*REQUIRED WORK*. Go through the records below and show every line with the string "subcontext".

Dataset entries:
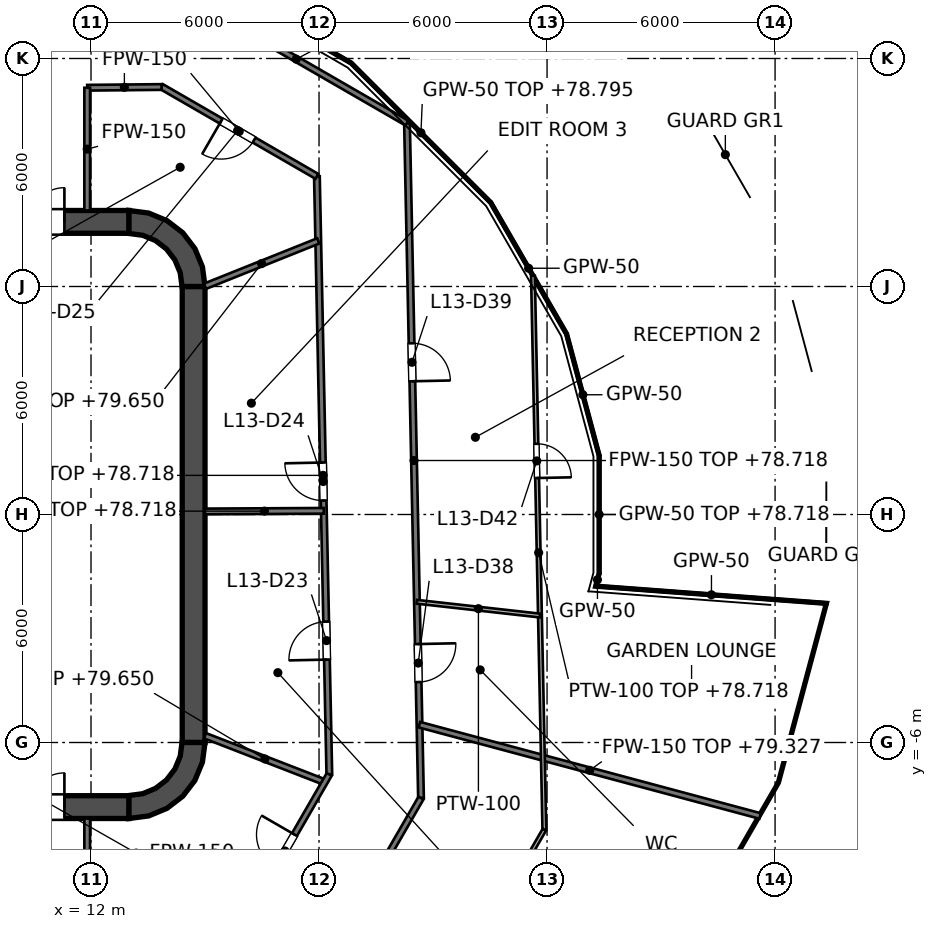
"""IFC4 building model, lengths in metres.
Left out: names, types, materials, properties, quantities, classifications, styles, units other than length and angle.
Written with IfcOpenShell. Run it as: python <this file> out.ifc"""

import sys

from ifc_helpers import new_model, si_unit, direction, frame, frame_2d, origin, place, context, subcontext, project, spatial, polyline, rectangle, outline, extrude, element, fill, save


model = new_model("IFC4")
c1 = context("Model", 3, precision=1e-05, world=origin(), true_north=direction((0.0, 1.0)))
c2 = subcontext(c1, "Body", "Model", "MODEL_VIEW")
j1 = project(units=[si_unit("LENGTHUNIT", "METRE"), si_unit("PLANEANGLEUNIT", "RADIAN")], contexts=[c1])
p1 = place(None, origin())
s1 = spatial("IfcSite", under=j1, at=p1, CompositionType="ELEMENT")
p2 = place(p1, origin())
s2 = spatial("IfcBuilding", under=s1, at=p2, CompositionType="ELEMENT")
p3 = place(p2, frame((0.0, 0.0, 75.6)))
s3 = spatial("IfcBuildingStorey", under=s2, at=p3, CompositionType="ELEMENT", Elevation=75.6)
p4 = place(p3, frame((-13.0, 7.7, 0.0), z_axis=(0.0, 0.0, 1.0), x_axis=(1.0, 0.0, 0.0)))
e1 = element("IfcWall", 1, at=p4, inside=s3, PredefinedType="SHEAR", context=c2, shape_type="SweptSolid", body=[
    extrude(rectangle(XDim=26.0, YDim=0.6, at=frame_2d((13.0, 0.0))), origin(), (0.0, 0.0, 1.0), 4.2),
])
p5 = place(p4, frame((1.7, 0.0, 0.0)))
e2 = element("IfcOpeningElement", 2, at=p5, cuts=e1, PredefinedType="OPENING", context=c2, shape_type="SweptSolid", body=[
    extrude(rectangle(XDim=1.8, YDim=2.1, at=frame_2d((0.9, 1.05))), frame((0.0, 0.3, 0.0), z_axis=(0.0, -1.0, 0.0), x_axis=(1.0, 0.0, 0.0)), (0.0, 0.0, 1.0), 0.6),
])
p6 = place(p4, frame((22.5, 0.0, 0.0)))
e3 = element("IfcOpeningElement", 3, at=p6, cuts=e1, PredefinedType="OPENING", context=c2, shape_type="SweptSolid", body=[
    extrude(rectangle(XDim=1.8, YDim=2.1, at=frame_2d((0.9, 1.05))), frame((0.0, 0.3, 0.0), z_axis=(0.0, -1.0, 0.0), x_axis=(1.0, 0.0, 0.0)), (0.0, 0.0, 1.0), 0.6),
])
p7 = place(p3, frame((-13.0, -7.7, 0.0), z_axis=(0.0, 0.0, 1.0), x_axis=(1.0, 0.0, 0.0)))
e4 = element("IfcWall", 4, at=p7, inside=s3, PredefinedType="SHEAR", context=c2, shape_type="SweptSolid", body=[
    extrude(rectangle(XDim=26.0, YDim=0.6, at=frame_2d((13.0, 0.0))), origin(), (0.0, 0.0, 1.0), 4.2),
])
p8 = place(p7, frame((1.7, 0.0, 0.0)))
e5 = element("IfcOpeningElement", 5, at=p8, cuts=e4, PredefinedType="OPENING", context=c2, shape_type="SweptSolid", body=[
    extrude(rectangle(XDim=1.8, YDim=2.1, at=frame_2d((0.9, 1.05))), frame((0.0, 0.3, 0.0), z_axis=(0.0, -1.0, 0.0), x_axis=(1.0, 0.0, 0.0)), (0.0, 0.0, 1.0), 0.6),
])
p9 = place(p7, frame((22.5, 0.0, 0.0)))
e6 = element("IfcOpeningElement", 6, at=p9, cuts=e4, PredefinedType="OPENING", context=c2, shape_type="SweptSolid", body=[
    extrude(rectangle(XDim=1.8, YDim=2.1, at=frame_2d((0.9, 1.05))), frame((0.0, 0.3, 0.0), z_axis=(0.0, -1.0, 0.0), x_axis=(1.0, 0.0, 0.0)), (0.0, 0.0, 1.0), 0.6),
])
p10 = place(p3, frame((14.7, -6.0, 0.0), z_axis=(0.0, 0.0, 1.0), x_axis=(0.0, 1.0, 0.0)))
e7 = element("IfcWall", 7, at=p10, inside=s3, PredefinedType="SHEAR", context=c2, shape_type="SweptSolid", body=[
    extrude(rectangle(XDim=12.0, YDim=0.6, at=frame_2d((6.0, 0.0))), origin(), (0.0, 0.0, 1.0), 4.2),
])
p11 = place(p3, origin())
e8 = element("IfcWall", 8, at=p11, inside=s3, PredefinedType="SHEAR", context=c2, shape_type="SweptSolid", body=[
    extrude(outline(polyline([(13.0, 8.0), (13.0, 7.395), (13.361, 7.347), (13.698, 7.208), (13.986, 6.986), (14.208, 6.698), (14.347, 6.361), (14.395, 6.0), (15.0, 6.0), (14.932, 6.518), (14.732, 7.0), (14.414, 7.414), (14.0, 7.732), (13.518, 7.932), (13.0, 8.0)])), origin(), (0.0, 0.0, 1.0), 4.2),
])
e9 = element("IfcWall", 9, at=p11, inside=s3, PredefinedType="SHEAR", context=c2, shape_type="SweptSolid", body=[
    extrude(outline(polyline([(15.0, -6.0), (14.395, -6.0), (14.347, -6.361), (14.208, -6.698), (13.986, -6.986), (13.698, -7.208), (13.361, -7.347), (13.0, -7.395), (13.0, -8.0), (13.518, -7.932), (14.0, -7.732), (14.414, -7.414), (14.732, -7.0), (14.932, -6.518), (15.0, -6.0)])), origin(), (0.0, 0.0, 1.0), 4.2),
])
p12 = place(p3, frame((11.8, -7.4, 0.0), z_axis=(0.0, 0.0, 1.0), x_axis=(0.0, 1.0, 0.0)))
e10 = element("IfcWall", 10, at=p12, inside=s3, PredefinedType="SOLIDWALL", context=c2, shape_type="SweptSolid", body=[
    extrude(rectangle(XDim=14.8, YDim=0.4, at=frame_2d((7.4, 0.0))), origin(), (0.0, 0.0, 1.0), 4.05),
])
p13 = place(p12, frame((11.2, 0.0, 0.0)))
e11 = element("IfcOpeningElement", 11, at=p13, cuts=e10, PredefinedType="OPENING", context=c2, shape_type="SweptSolid", body=[
    extrude(rectangle(XDim=1.1, YDim=2.1, at=frame_2d((0.55, 1.05))), frame((0.0, 0.2, 0.0), z_axis=(0.0, -1.0, 0.0), x_axis=(1.0, 0.0, 0.0)), (0.0, 0.0, 1.0), 0.4),
])
p14 = place(p12, frame((8.3, 0.0, 0.0)))
e12 = element("IfcOpeningElement", 12, at=p14, cuts=e10, PredefinedType="OPENING", context=c2, shape_type="SweptSolid", body=[
    extrude(rectangle(XDim=1.1, YDim=2.1, at=frame_2d((0.55, 1.05))), frame((0.0, 0.2, 0.0), z_axis=(0.0, -1.0, 0.0), x_axis=(1.0, 0.0, 0.0)), (0.0, 0.0, 1.0), 0.4),
])
p15 = place(p12, frame((5.4, 0.0, 0.0)))
e13 = element("IfcOpeningElement", 13, at=p15, cuts=e10, PredefinedType="OPENING", context=c2, shape_type="SweptSolid", body=[
    extrude(rectangle(XDim=1.1, YDim=2.1, at=frame_2d((0.55, 1.05))), frame((0.0, 0.2, 0.0), z_axis=(0.0, -1.0, 0.0), x_axis=(1.0, 0.0, 0.0)), (0.0, 0.0, 1.0), 0.4),
])
p16 = place(p12, frame((13.552, 0.0, 0.0)))
e14 = element("IfcOpeningElement", 14, at=p16, cuts=e10, PredefinedType="OPENING", context=c2, shape_type="SweptSolid", body=[
    extrude(rectangle(XDim=0.9, YDim=2.1, at=frame_2d((0.45, 1.05))), frame((0.0, 0.2, 0.0), z_axis=(0.0, -1.0, 0.0), x_axis=(1.0, 0.0, 0.0)), (0.0, 0.0, 1.0), 0.4),
])
p17 = place(p12, frame((0.347, 0.0, 0.0)))
e15 = element("IfcOpeningElement", 15, at=p17, cuts=e10, PredefinedType="OPENING", context=c2, shape_type="SweptSolid", body=[
    extrude(rectangle(XDim=0.9, YDim=2.1, at=frame_2d((0.45, 1.05))), frame((0.0, 0.2, 0.0), z_axis=(0.0, -1.0, 0.0), x_axis=(1.0, 0.0, 0.0)), (0.0, 0.0, 1.0), 0.4),
])
e16 = element("IfcWall", 16, at=p11, inside=s3, PredefinedType="SOLIDWALL", context=c2, shape_type="SweptSolid", body=[
    extrude(outline(polyline([(12.0, -5.675), (12.0, -5.925), (14.15, -5.925), (14.4, -5.925), (14.4, -5.675), (14.4, -3.025), (14.4, -2.775), (14.4, -0.125), (14.4, 0.125), (14.4, 2.775), (14.4, 3.025), (14.4, 5.675), (14.4, 5.925), (14.15, 5.925), (12.0, 5.925), (12.0, 5.675), (14.15, 5.675), (14.15, 3.025), (12.0, 3.025), (12.0, 2.775), (14.15, 2.775), (14.15, 0.125), (12.0, 0.125), (12.0, -0.125), (14.15, -0.125), (14.15, -2.775), (12.0, -2.775), (12.0, -3.025), (14.15, -3.025), (14.15, -5.675), (12.0, -5.675)])), origin(), (0.0, 0.0, 1.0), 4.05),
])
p18 = place(p3, frame((17.944, 8.899, 0.0), z_axis=(0.0, 0.0, 1.0), x_axis=(0.020766159807, -0.999784360053, 0.0)))
e17 = element("IfcWall", 17, at=p18, inside=s3, PredefinedType="PARTITIONING", context=c2, shape_type="SweptSolid", body=[
    extrude(rectangle(XDim=15.742, YDim=0.15, at=frame_2d((7.871, 0.0))), origin(), (0.0, 0.0, 1.0), 3.118),
])
p19 = place(p18, frame((11.72, 0.0, 0.0)))
e18 = element("IfcOpeningElement", 18, at=p19, cuts=e17, PredefinedType="OPENING", context=c2, shape_type="SweptSolid", body=[
    extrude(rectangle(XDim=1.0, YDim=2.1, at=frame_2d((0.5, 1.05))), frame((0.0, 0.075, 0.0), z_axis=(0.0, -1.0, 0.0), x_axis=(1.0, 0.0, 0.0)), (0.0, 0.0, 1.0), 0.15),
])
p20 = place(p18, frame((7.533, 0.0, 0.0)))
e19 = element("IfcOpeningElement", 19, at=p20, cuts=e17, PredefinedType="OPENING", context=c2, shape_type="SweptSolid", body=[
    extrude(rectangle(XDim=1.0, YDim=2.1, at=frame_2d((0.5, 1.05))), frame((0.0, 0.075, 0.0), z_axis=(0.0, -1.0, 0.0), x_axis=(1.0, 0.0, 0.0)), (0.0, 0.0, 1.0), 0.15),
])
p21 = place(p3, frame((20.314, 10.301, 0.0), z_axis=(0.0, 0.0, 1.0), x_axis=(0.020779303351, -0.999784086967, 0.0)))
e20 = element("IfcWall", 20, at=p21, inside=s3, PredefinedType="PARTITIONING", context=c2, shape_type="SweptSolid", body=[
    extrude(rectangle(XDim=17.765, YDim=0.15, at=frame_2d((8.882, 0.0))), origin(), (0.0, 0.0, 1.0), 3.118),
])
p22 = place(p21, frame((13.714, 0.0, 0.0)))
e21 = element("IfcOpeningElement", 21, at=p22, cuts=e20, PredefinedType="OPENING", context=c2, shape_type="SweptSolid", body=[
    extrude(rectangle(XDim=1.0, YDim=2.1, at=frame_2d((0.5, 1.05))), frame((0.0, 0.075, 0.0), z_axis=(0.0, -1.0, 0.0), x_axis=(1.0, 0.0, 0.0)), (0.0, 0.0, 1.0), 0.15),
])
p23 = place(p21, frame((5.797, 0.0, 0.0)))
e22 = element("IfcOpeningElement", 22, at=p23, cuts=e20, PredefinedType="OPENING", context=c2, shape_type="SweptSolid", body=[
    extrude(rectangle(XDim=1.0, YDim=2.1, at=frame_2d((0.5, 1.05))), frame((0.0, 0.075, 0.0), z_axis=(0.0, -1.0, 0.0), x_axis=(1.0, 0.0, 0.0)), (0.0, 0.0, 1.0), 0.15),
])
p24 = place(p3, frame((13.856, 11.259, 0.0), z_axis=(0.0, 0.0, 1.0), x_axis=(0.865971100816, -0.500094043707, 0.0)))
e23 = element("IfcWall", 23, at=p24, inside=s3, PredefinedType="PARTITIONING", context=c2, shape_type="SweptSolid", body=[
    extrude(rectangle(XDim=4.72, YDim=0.15, at=frame_2d((2.36, 0.0))), origin(), (0.0, 0.0, 1.0), 3.195),
])
p25 = place(p24, frame((1.812, 0.0, 0.0)))
e24 = element("IfcOpeningElement", 24, at=p25, cuts=e23, PredefinedType="OPENING", context=c2, shape_type="SweptSolid", body=[
    extrude(rectangle(XDim=1.0, YDim=2.1, at=frame_2d((0.5, 1.05))), frame((0.0, 0.075, 0.0), z_axis=(0.0, -1.0, 0.0), x_axis=(1.0, 0.0, 0.0)), (0.0, 0.0, 1.0), 0.15),
])
p26 = place(p3, frame((14.488, 13.665, 0.0), z_axis=(0.0, 0.0, 1.0), x_axis=(0.865978916812, -0.500080509155, 0.0)))
e25 = element("IfcWall", 25, at=p26, inside=s3, PredefinedType="PARTITIONING", context=c2, shape_type="SweptSolid", body=[
    extrude(rectangle(XDim=6.729, YDim=0.15, at=frame_2d((3.364, 0.0))), origin(), (0.0, 0.0, 1.0), 3.195),
])
p27 = place(p26, frame((0.803, 0.0, 0.0)))
e26 = element("IfcOpeningElement", 26, at=p27, cuts=e25, PredefinedType="OPENING", context=c2, shape_type="SweptSolid", body=[
    extrude(rectangle(XDim=1.0, YDim=2.1, at=frame_2d((0.5, 1.05))), frame((0.0, 0.075, 0.0), z_axis=(0.0, -1.0, 0.0), x_axis=(1.0, 0.0, 0.0)), (0.0, 0.0, 1.0), 0.15),
])
p28 = place(p3, frame((15.0, -5.822, 0.0), z_axis=(0.0, 0.0, 1.0), x_axis=(0.932341922019, -0.36157784839, 0.0)))
e27 = element("IfcWall", 27, at=p28, inside=s3, PredefinedType="PARTITIONING", context=c2, shape_type="SweptSolid", body=[
    extrude(rectangle(XDim=3.379, YDim=0.15, at=frame_2d((1.689, 0.0))), origin(), (0.0, 0.0, 1.0), 4.05),
])
p29 = place(p3, frame((20.641, -5.531, 0.0), z_axis=(0.0, 0.0, 1.0), x_axis=(0.965912819534, -0.258867582095, 0.0)))
e28 = element("IfcWall", 28, at=p29, inside=s3, PredefinedType="PARTITIONING", context=c2, shape_type="SweptSolid", body=[
    extrude(rectangle(XDim=9.28, YDim=0.15, at=frame_2d((4.64, 0.0))), origin(), (0.0, 0.0, 1.0), 3.727),
])
p30 = place(p3, frame((15.0, 0.08, 0.0), z_axis=(0.0, 0.0, 1.0), x_axis=(0.999985888971, 0.005312425035, 0.0)))
e29 = element("IfcWall", 29, at=p30, inside=s3, PredefinedType="PARTITIONING", context=c2, shape_type="SweptSolid", body=[
    extrude(rectangle(XDim=3.125, YDim=0.15, at=frame_2d((1.562, 0.0))), origin(), (0.0, 0.0, 1.0), 3.118),
])
p31 = place(p3, frame((11.9, 11.23, 0.0), z_axis=(0.0, 0.0, 1.0), x_axis=(0.99995016583, 0.00998327883, 0.0)))
e30 = element("IfcWall", 30, at=p31, inside=s3, PredefinedType="PARTITIONING", context=c2, shape_type="SweptSolid", body=[
    extrude(rectangle(XDim=1.956, YDim=0.15, at=frame_2d((0.978, 0.0))), origin(), (0.0, 0.0, 1.0), 4.05),
])
p32 = place(p3, frame((14.999, 6.006, 0.0), z_axis=(0.0, 0.0, 1.0), x_axis=(0.928292988159, 0.371849604188, 0.0)))
e31 = element("IfcWall", 31, at=p32, inside=s3, PredefinedType="PARTITIONING", context=c2, shape_type="SweptSolid", body=[
    extrude(rectangle(XDim=3.21, YDim=0.15, at=frame_2d((1.605, 0.0))), origin(), (0.0, 0.0, 1.0), 4.05),
])
p33 = place(p3, frame((17.281, -13.35, 0.0), z_axis=(0.0, 0.0, 1.0), x_axis=(0.500235133997, 0.865889606541, 0.0)))
e32 = element("IfcWall", 32, at=p33, inside=s3, PredefinedType="PARTITIONING", context=c2, shape_type="SweptSolid", body=[
    extrude(rectangle(XDim=6.801, YDim=0.15, at=frame_2d((3.4, 0.0))), origin(), (0.0, 0.0, 1.0), 3.195),
])
p34 = place(p3, frame((15.892, -10.954, 0.0), z_axis=(0.0, 0.0, 1.0), x_axis=(0.50019540779, 0.865912555646, 0.0)))
e33 = element("IfcWall", 33, at=p34, inside=s3, PredefinedType="PARTITIONING", context=c2, shape_type="SweptSolid", body=[
    extrude(rectangle(XDim=4.751, YDim=0.15, at=frame_2d((2.375, 0.0))), origin(), (0.0, 0.0, 1.0), 3.195),
])
p35 = place(p34, frame((1.924, 0.0, 0.0)))
e34 = element("IfcOpeningElement", 34, at=p35, cuts=e33, PredefinedType="OPENING", context=c2, shape_type="SweptSolid", body=[
    extrude(rectangle(XDim=1.0, YDim=2.1, at=frame_2d((0.5, 1.05))), frame((0.0, 0.075, 0.0), z_axis=(0.0, -1.0, 0.0), x_axis=(1.0, 0.0, 0.0)), (0.0, 0.0, 1.0), 0.15),
])
p36 = place(p3, frame((11.9, -10.992, 0.0), z_axis=(0.0, 0.0, 1.0), x_axis=(0.0, 1.0, 0.0)))
e35 = element("IfcWall", 35, at=p36, inside=s3, PredefinedType="PARTITIONING", context=c2, shape_type="SweptSolid", body=[
    extrude(rectangle(XDim=2.992, YDim=0.15, at=frame_2d((1.496, 0.0))), origin(), (0.0, 0.0, 1.0), 3.195),
])
p37 = place(p3, frame((11.9, 8.0, 0.0), z_axis=(0.0, 0.0, 1.0), x_axis=(0.0, 1.0, 0.0)))
e36 = element("IfcWall", 36, at=p37, inside=s3, PredefinedType="PARTITIONING", context=c2, shape_type="SweptSolid", body=[
    extrude(rectangle(XDim=3.229, YDim=0.15, at=frame_2d((1.615, 0.0))), origin(), (0.0, 0.0, 1.0), 3.195),
])
p38 = place(p3, frame((24.513, 4.752, 0.0), z_axis=(0.0, 0.0, 1.0), x_axis=(0.258877201574, -0.965910241433, 0.0)))
e37 = element("IfcWall", 37, at=p38, inside=s3, PredefinedType="PARTITIONING", context=c2, shape_type="SweptSolid", body=[
    extrude(rectangle(XDim=3.315, YDim=0.05, at=frame_2d((1.657, 0.0))), origin(), (0.0, 0.0, 1.0), 3.127),
])
p39 = place(p3, frame((22.517, 8.209, 0.0), z_axis=(0.0, 0.0, 1.0), x_axis=(0.499987164874, -0.866032814021, 0.0)))
e38 = element("IfcWall", 38, at=p39, inside=s3, PredefinedType="PARTITIONING", context=c2, shape_type="SweptSolid", body=[
    extrude(rectangle(XDim=3.992, YDim=0.05, at=frame_2d((1.996, 0.0))), origin(), (0.0, 0.0, 1.0), 3.127),
])
p40 = place(p3, frame((18.846, 11.88, 0.0), z_axis=(0.0, 0.0, 1.0), x_axis=(0.707130293807, -0.707083267785, 0.0)))
e39 = element("IfcWall", 39, at=p40, inside=s3, PredefinedType="PARTITIONING", context=c2, shape_type="SweptSolid", body=[
    extrude(rectangle(XDim=5.192, YDim=0.05, at=frame_2d((2.596, 0.0))), origin(), (0.0, 0.0, 1.0), 3.195),
])
p41 = place(p3, frame((17.273, 12.789, 0.0), z_axis=(0.0, 0.0, 1.0), x_axis=(0.865784864345, -0.500416395285, 0.0)))
e40 = element("IfcWall", 40, at=p41, inside=s3, PredefinedType="PARTITIONING", context=c2, shape_type="SweptSolid", body=[
    extrude(rectangle(XDim=1.817, YDim=0.05, at=frame_2d((0.908, 0.0))), origin(), (0.0, 0.0, 1.0), 3.195),
])
p42 = place(p3, frame((25.281, -1.886, 0.0), z_axis=(0.0, 0.0, 1.0), x_axis=(0.997231640207, -0.074357620797, 0.0)))
e41 = element("IfcWall", 41, at=p42, inside=s3, PredefinedType="PARTITIONING", context=c2, shape_type="SweptSolid", body=[
    extrude(rectangle(XDim=6.107, YDim=0.05, at=frame_2d((3.053, 0.0))), origin(), (0.0, 0.0, 1.0), 3.127),
])
p43 = place(p3, frame((25.281, -1.886, 0.0), z_axis=(0.0, 0.0, 1.0), x_axis=(0.259016767744, 0.965872824976, 0.0)))
e42 = element("IfcWall", 42, at=p43, inside=s3, PredefinedType="PARTITIONING", context=c2, shape_type="SweptSolid", body=[
    extrude(rectangle(XDim=0.348, YDim=0.05, at=frame_2d((0.174, 0.0))), origin(), (0.0, 0.0, 1.0), 3.127),
])
p44 = place(p3, frame((25.371, -1.55, 0.0), z_axis=(0.0, 0.0, 1.0), x_axis=(0.0, 1.0, 0.0)))
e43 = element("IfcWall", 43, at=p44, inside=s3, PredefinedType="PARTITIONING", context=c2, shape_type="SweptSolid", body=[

*REPLY TO THE EXERCISE*.
from ifc_helpers import new_model, si_unit, direction, frame, frame_2d, origin, place, context, subcontext, project, spatial, polyline, rectangle, outline, extrude, element, fill, save
c2 = subcontext(c1, "Body", "Model", "MODEL_VIEW")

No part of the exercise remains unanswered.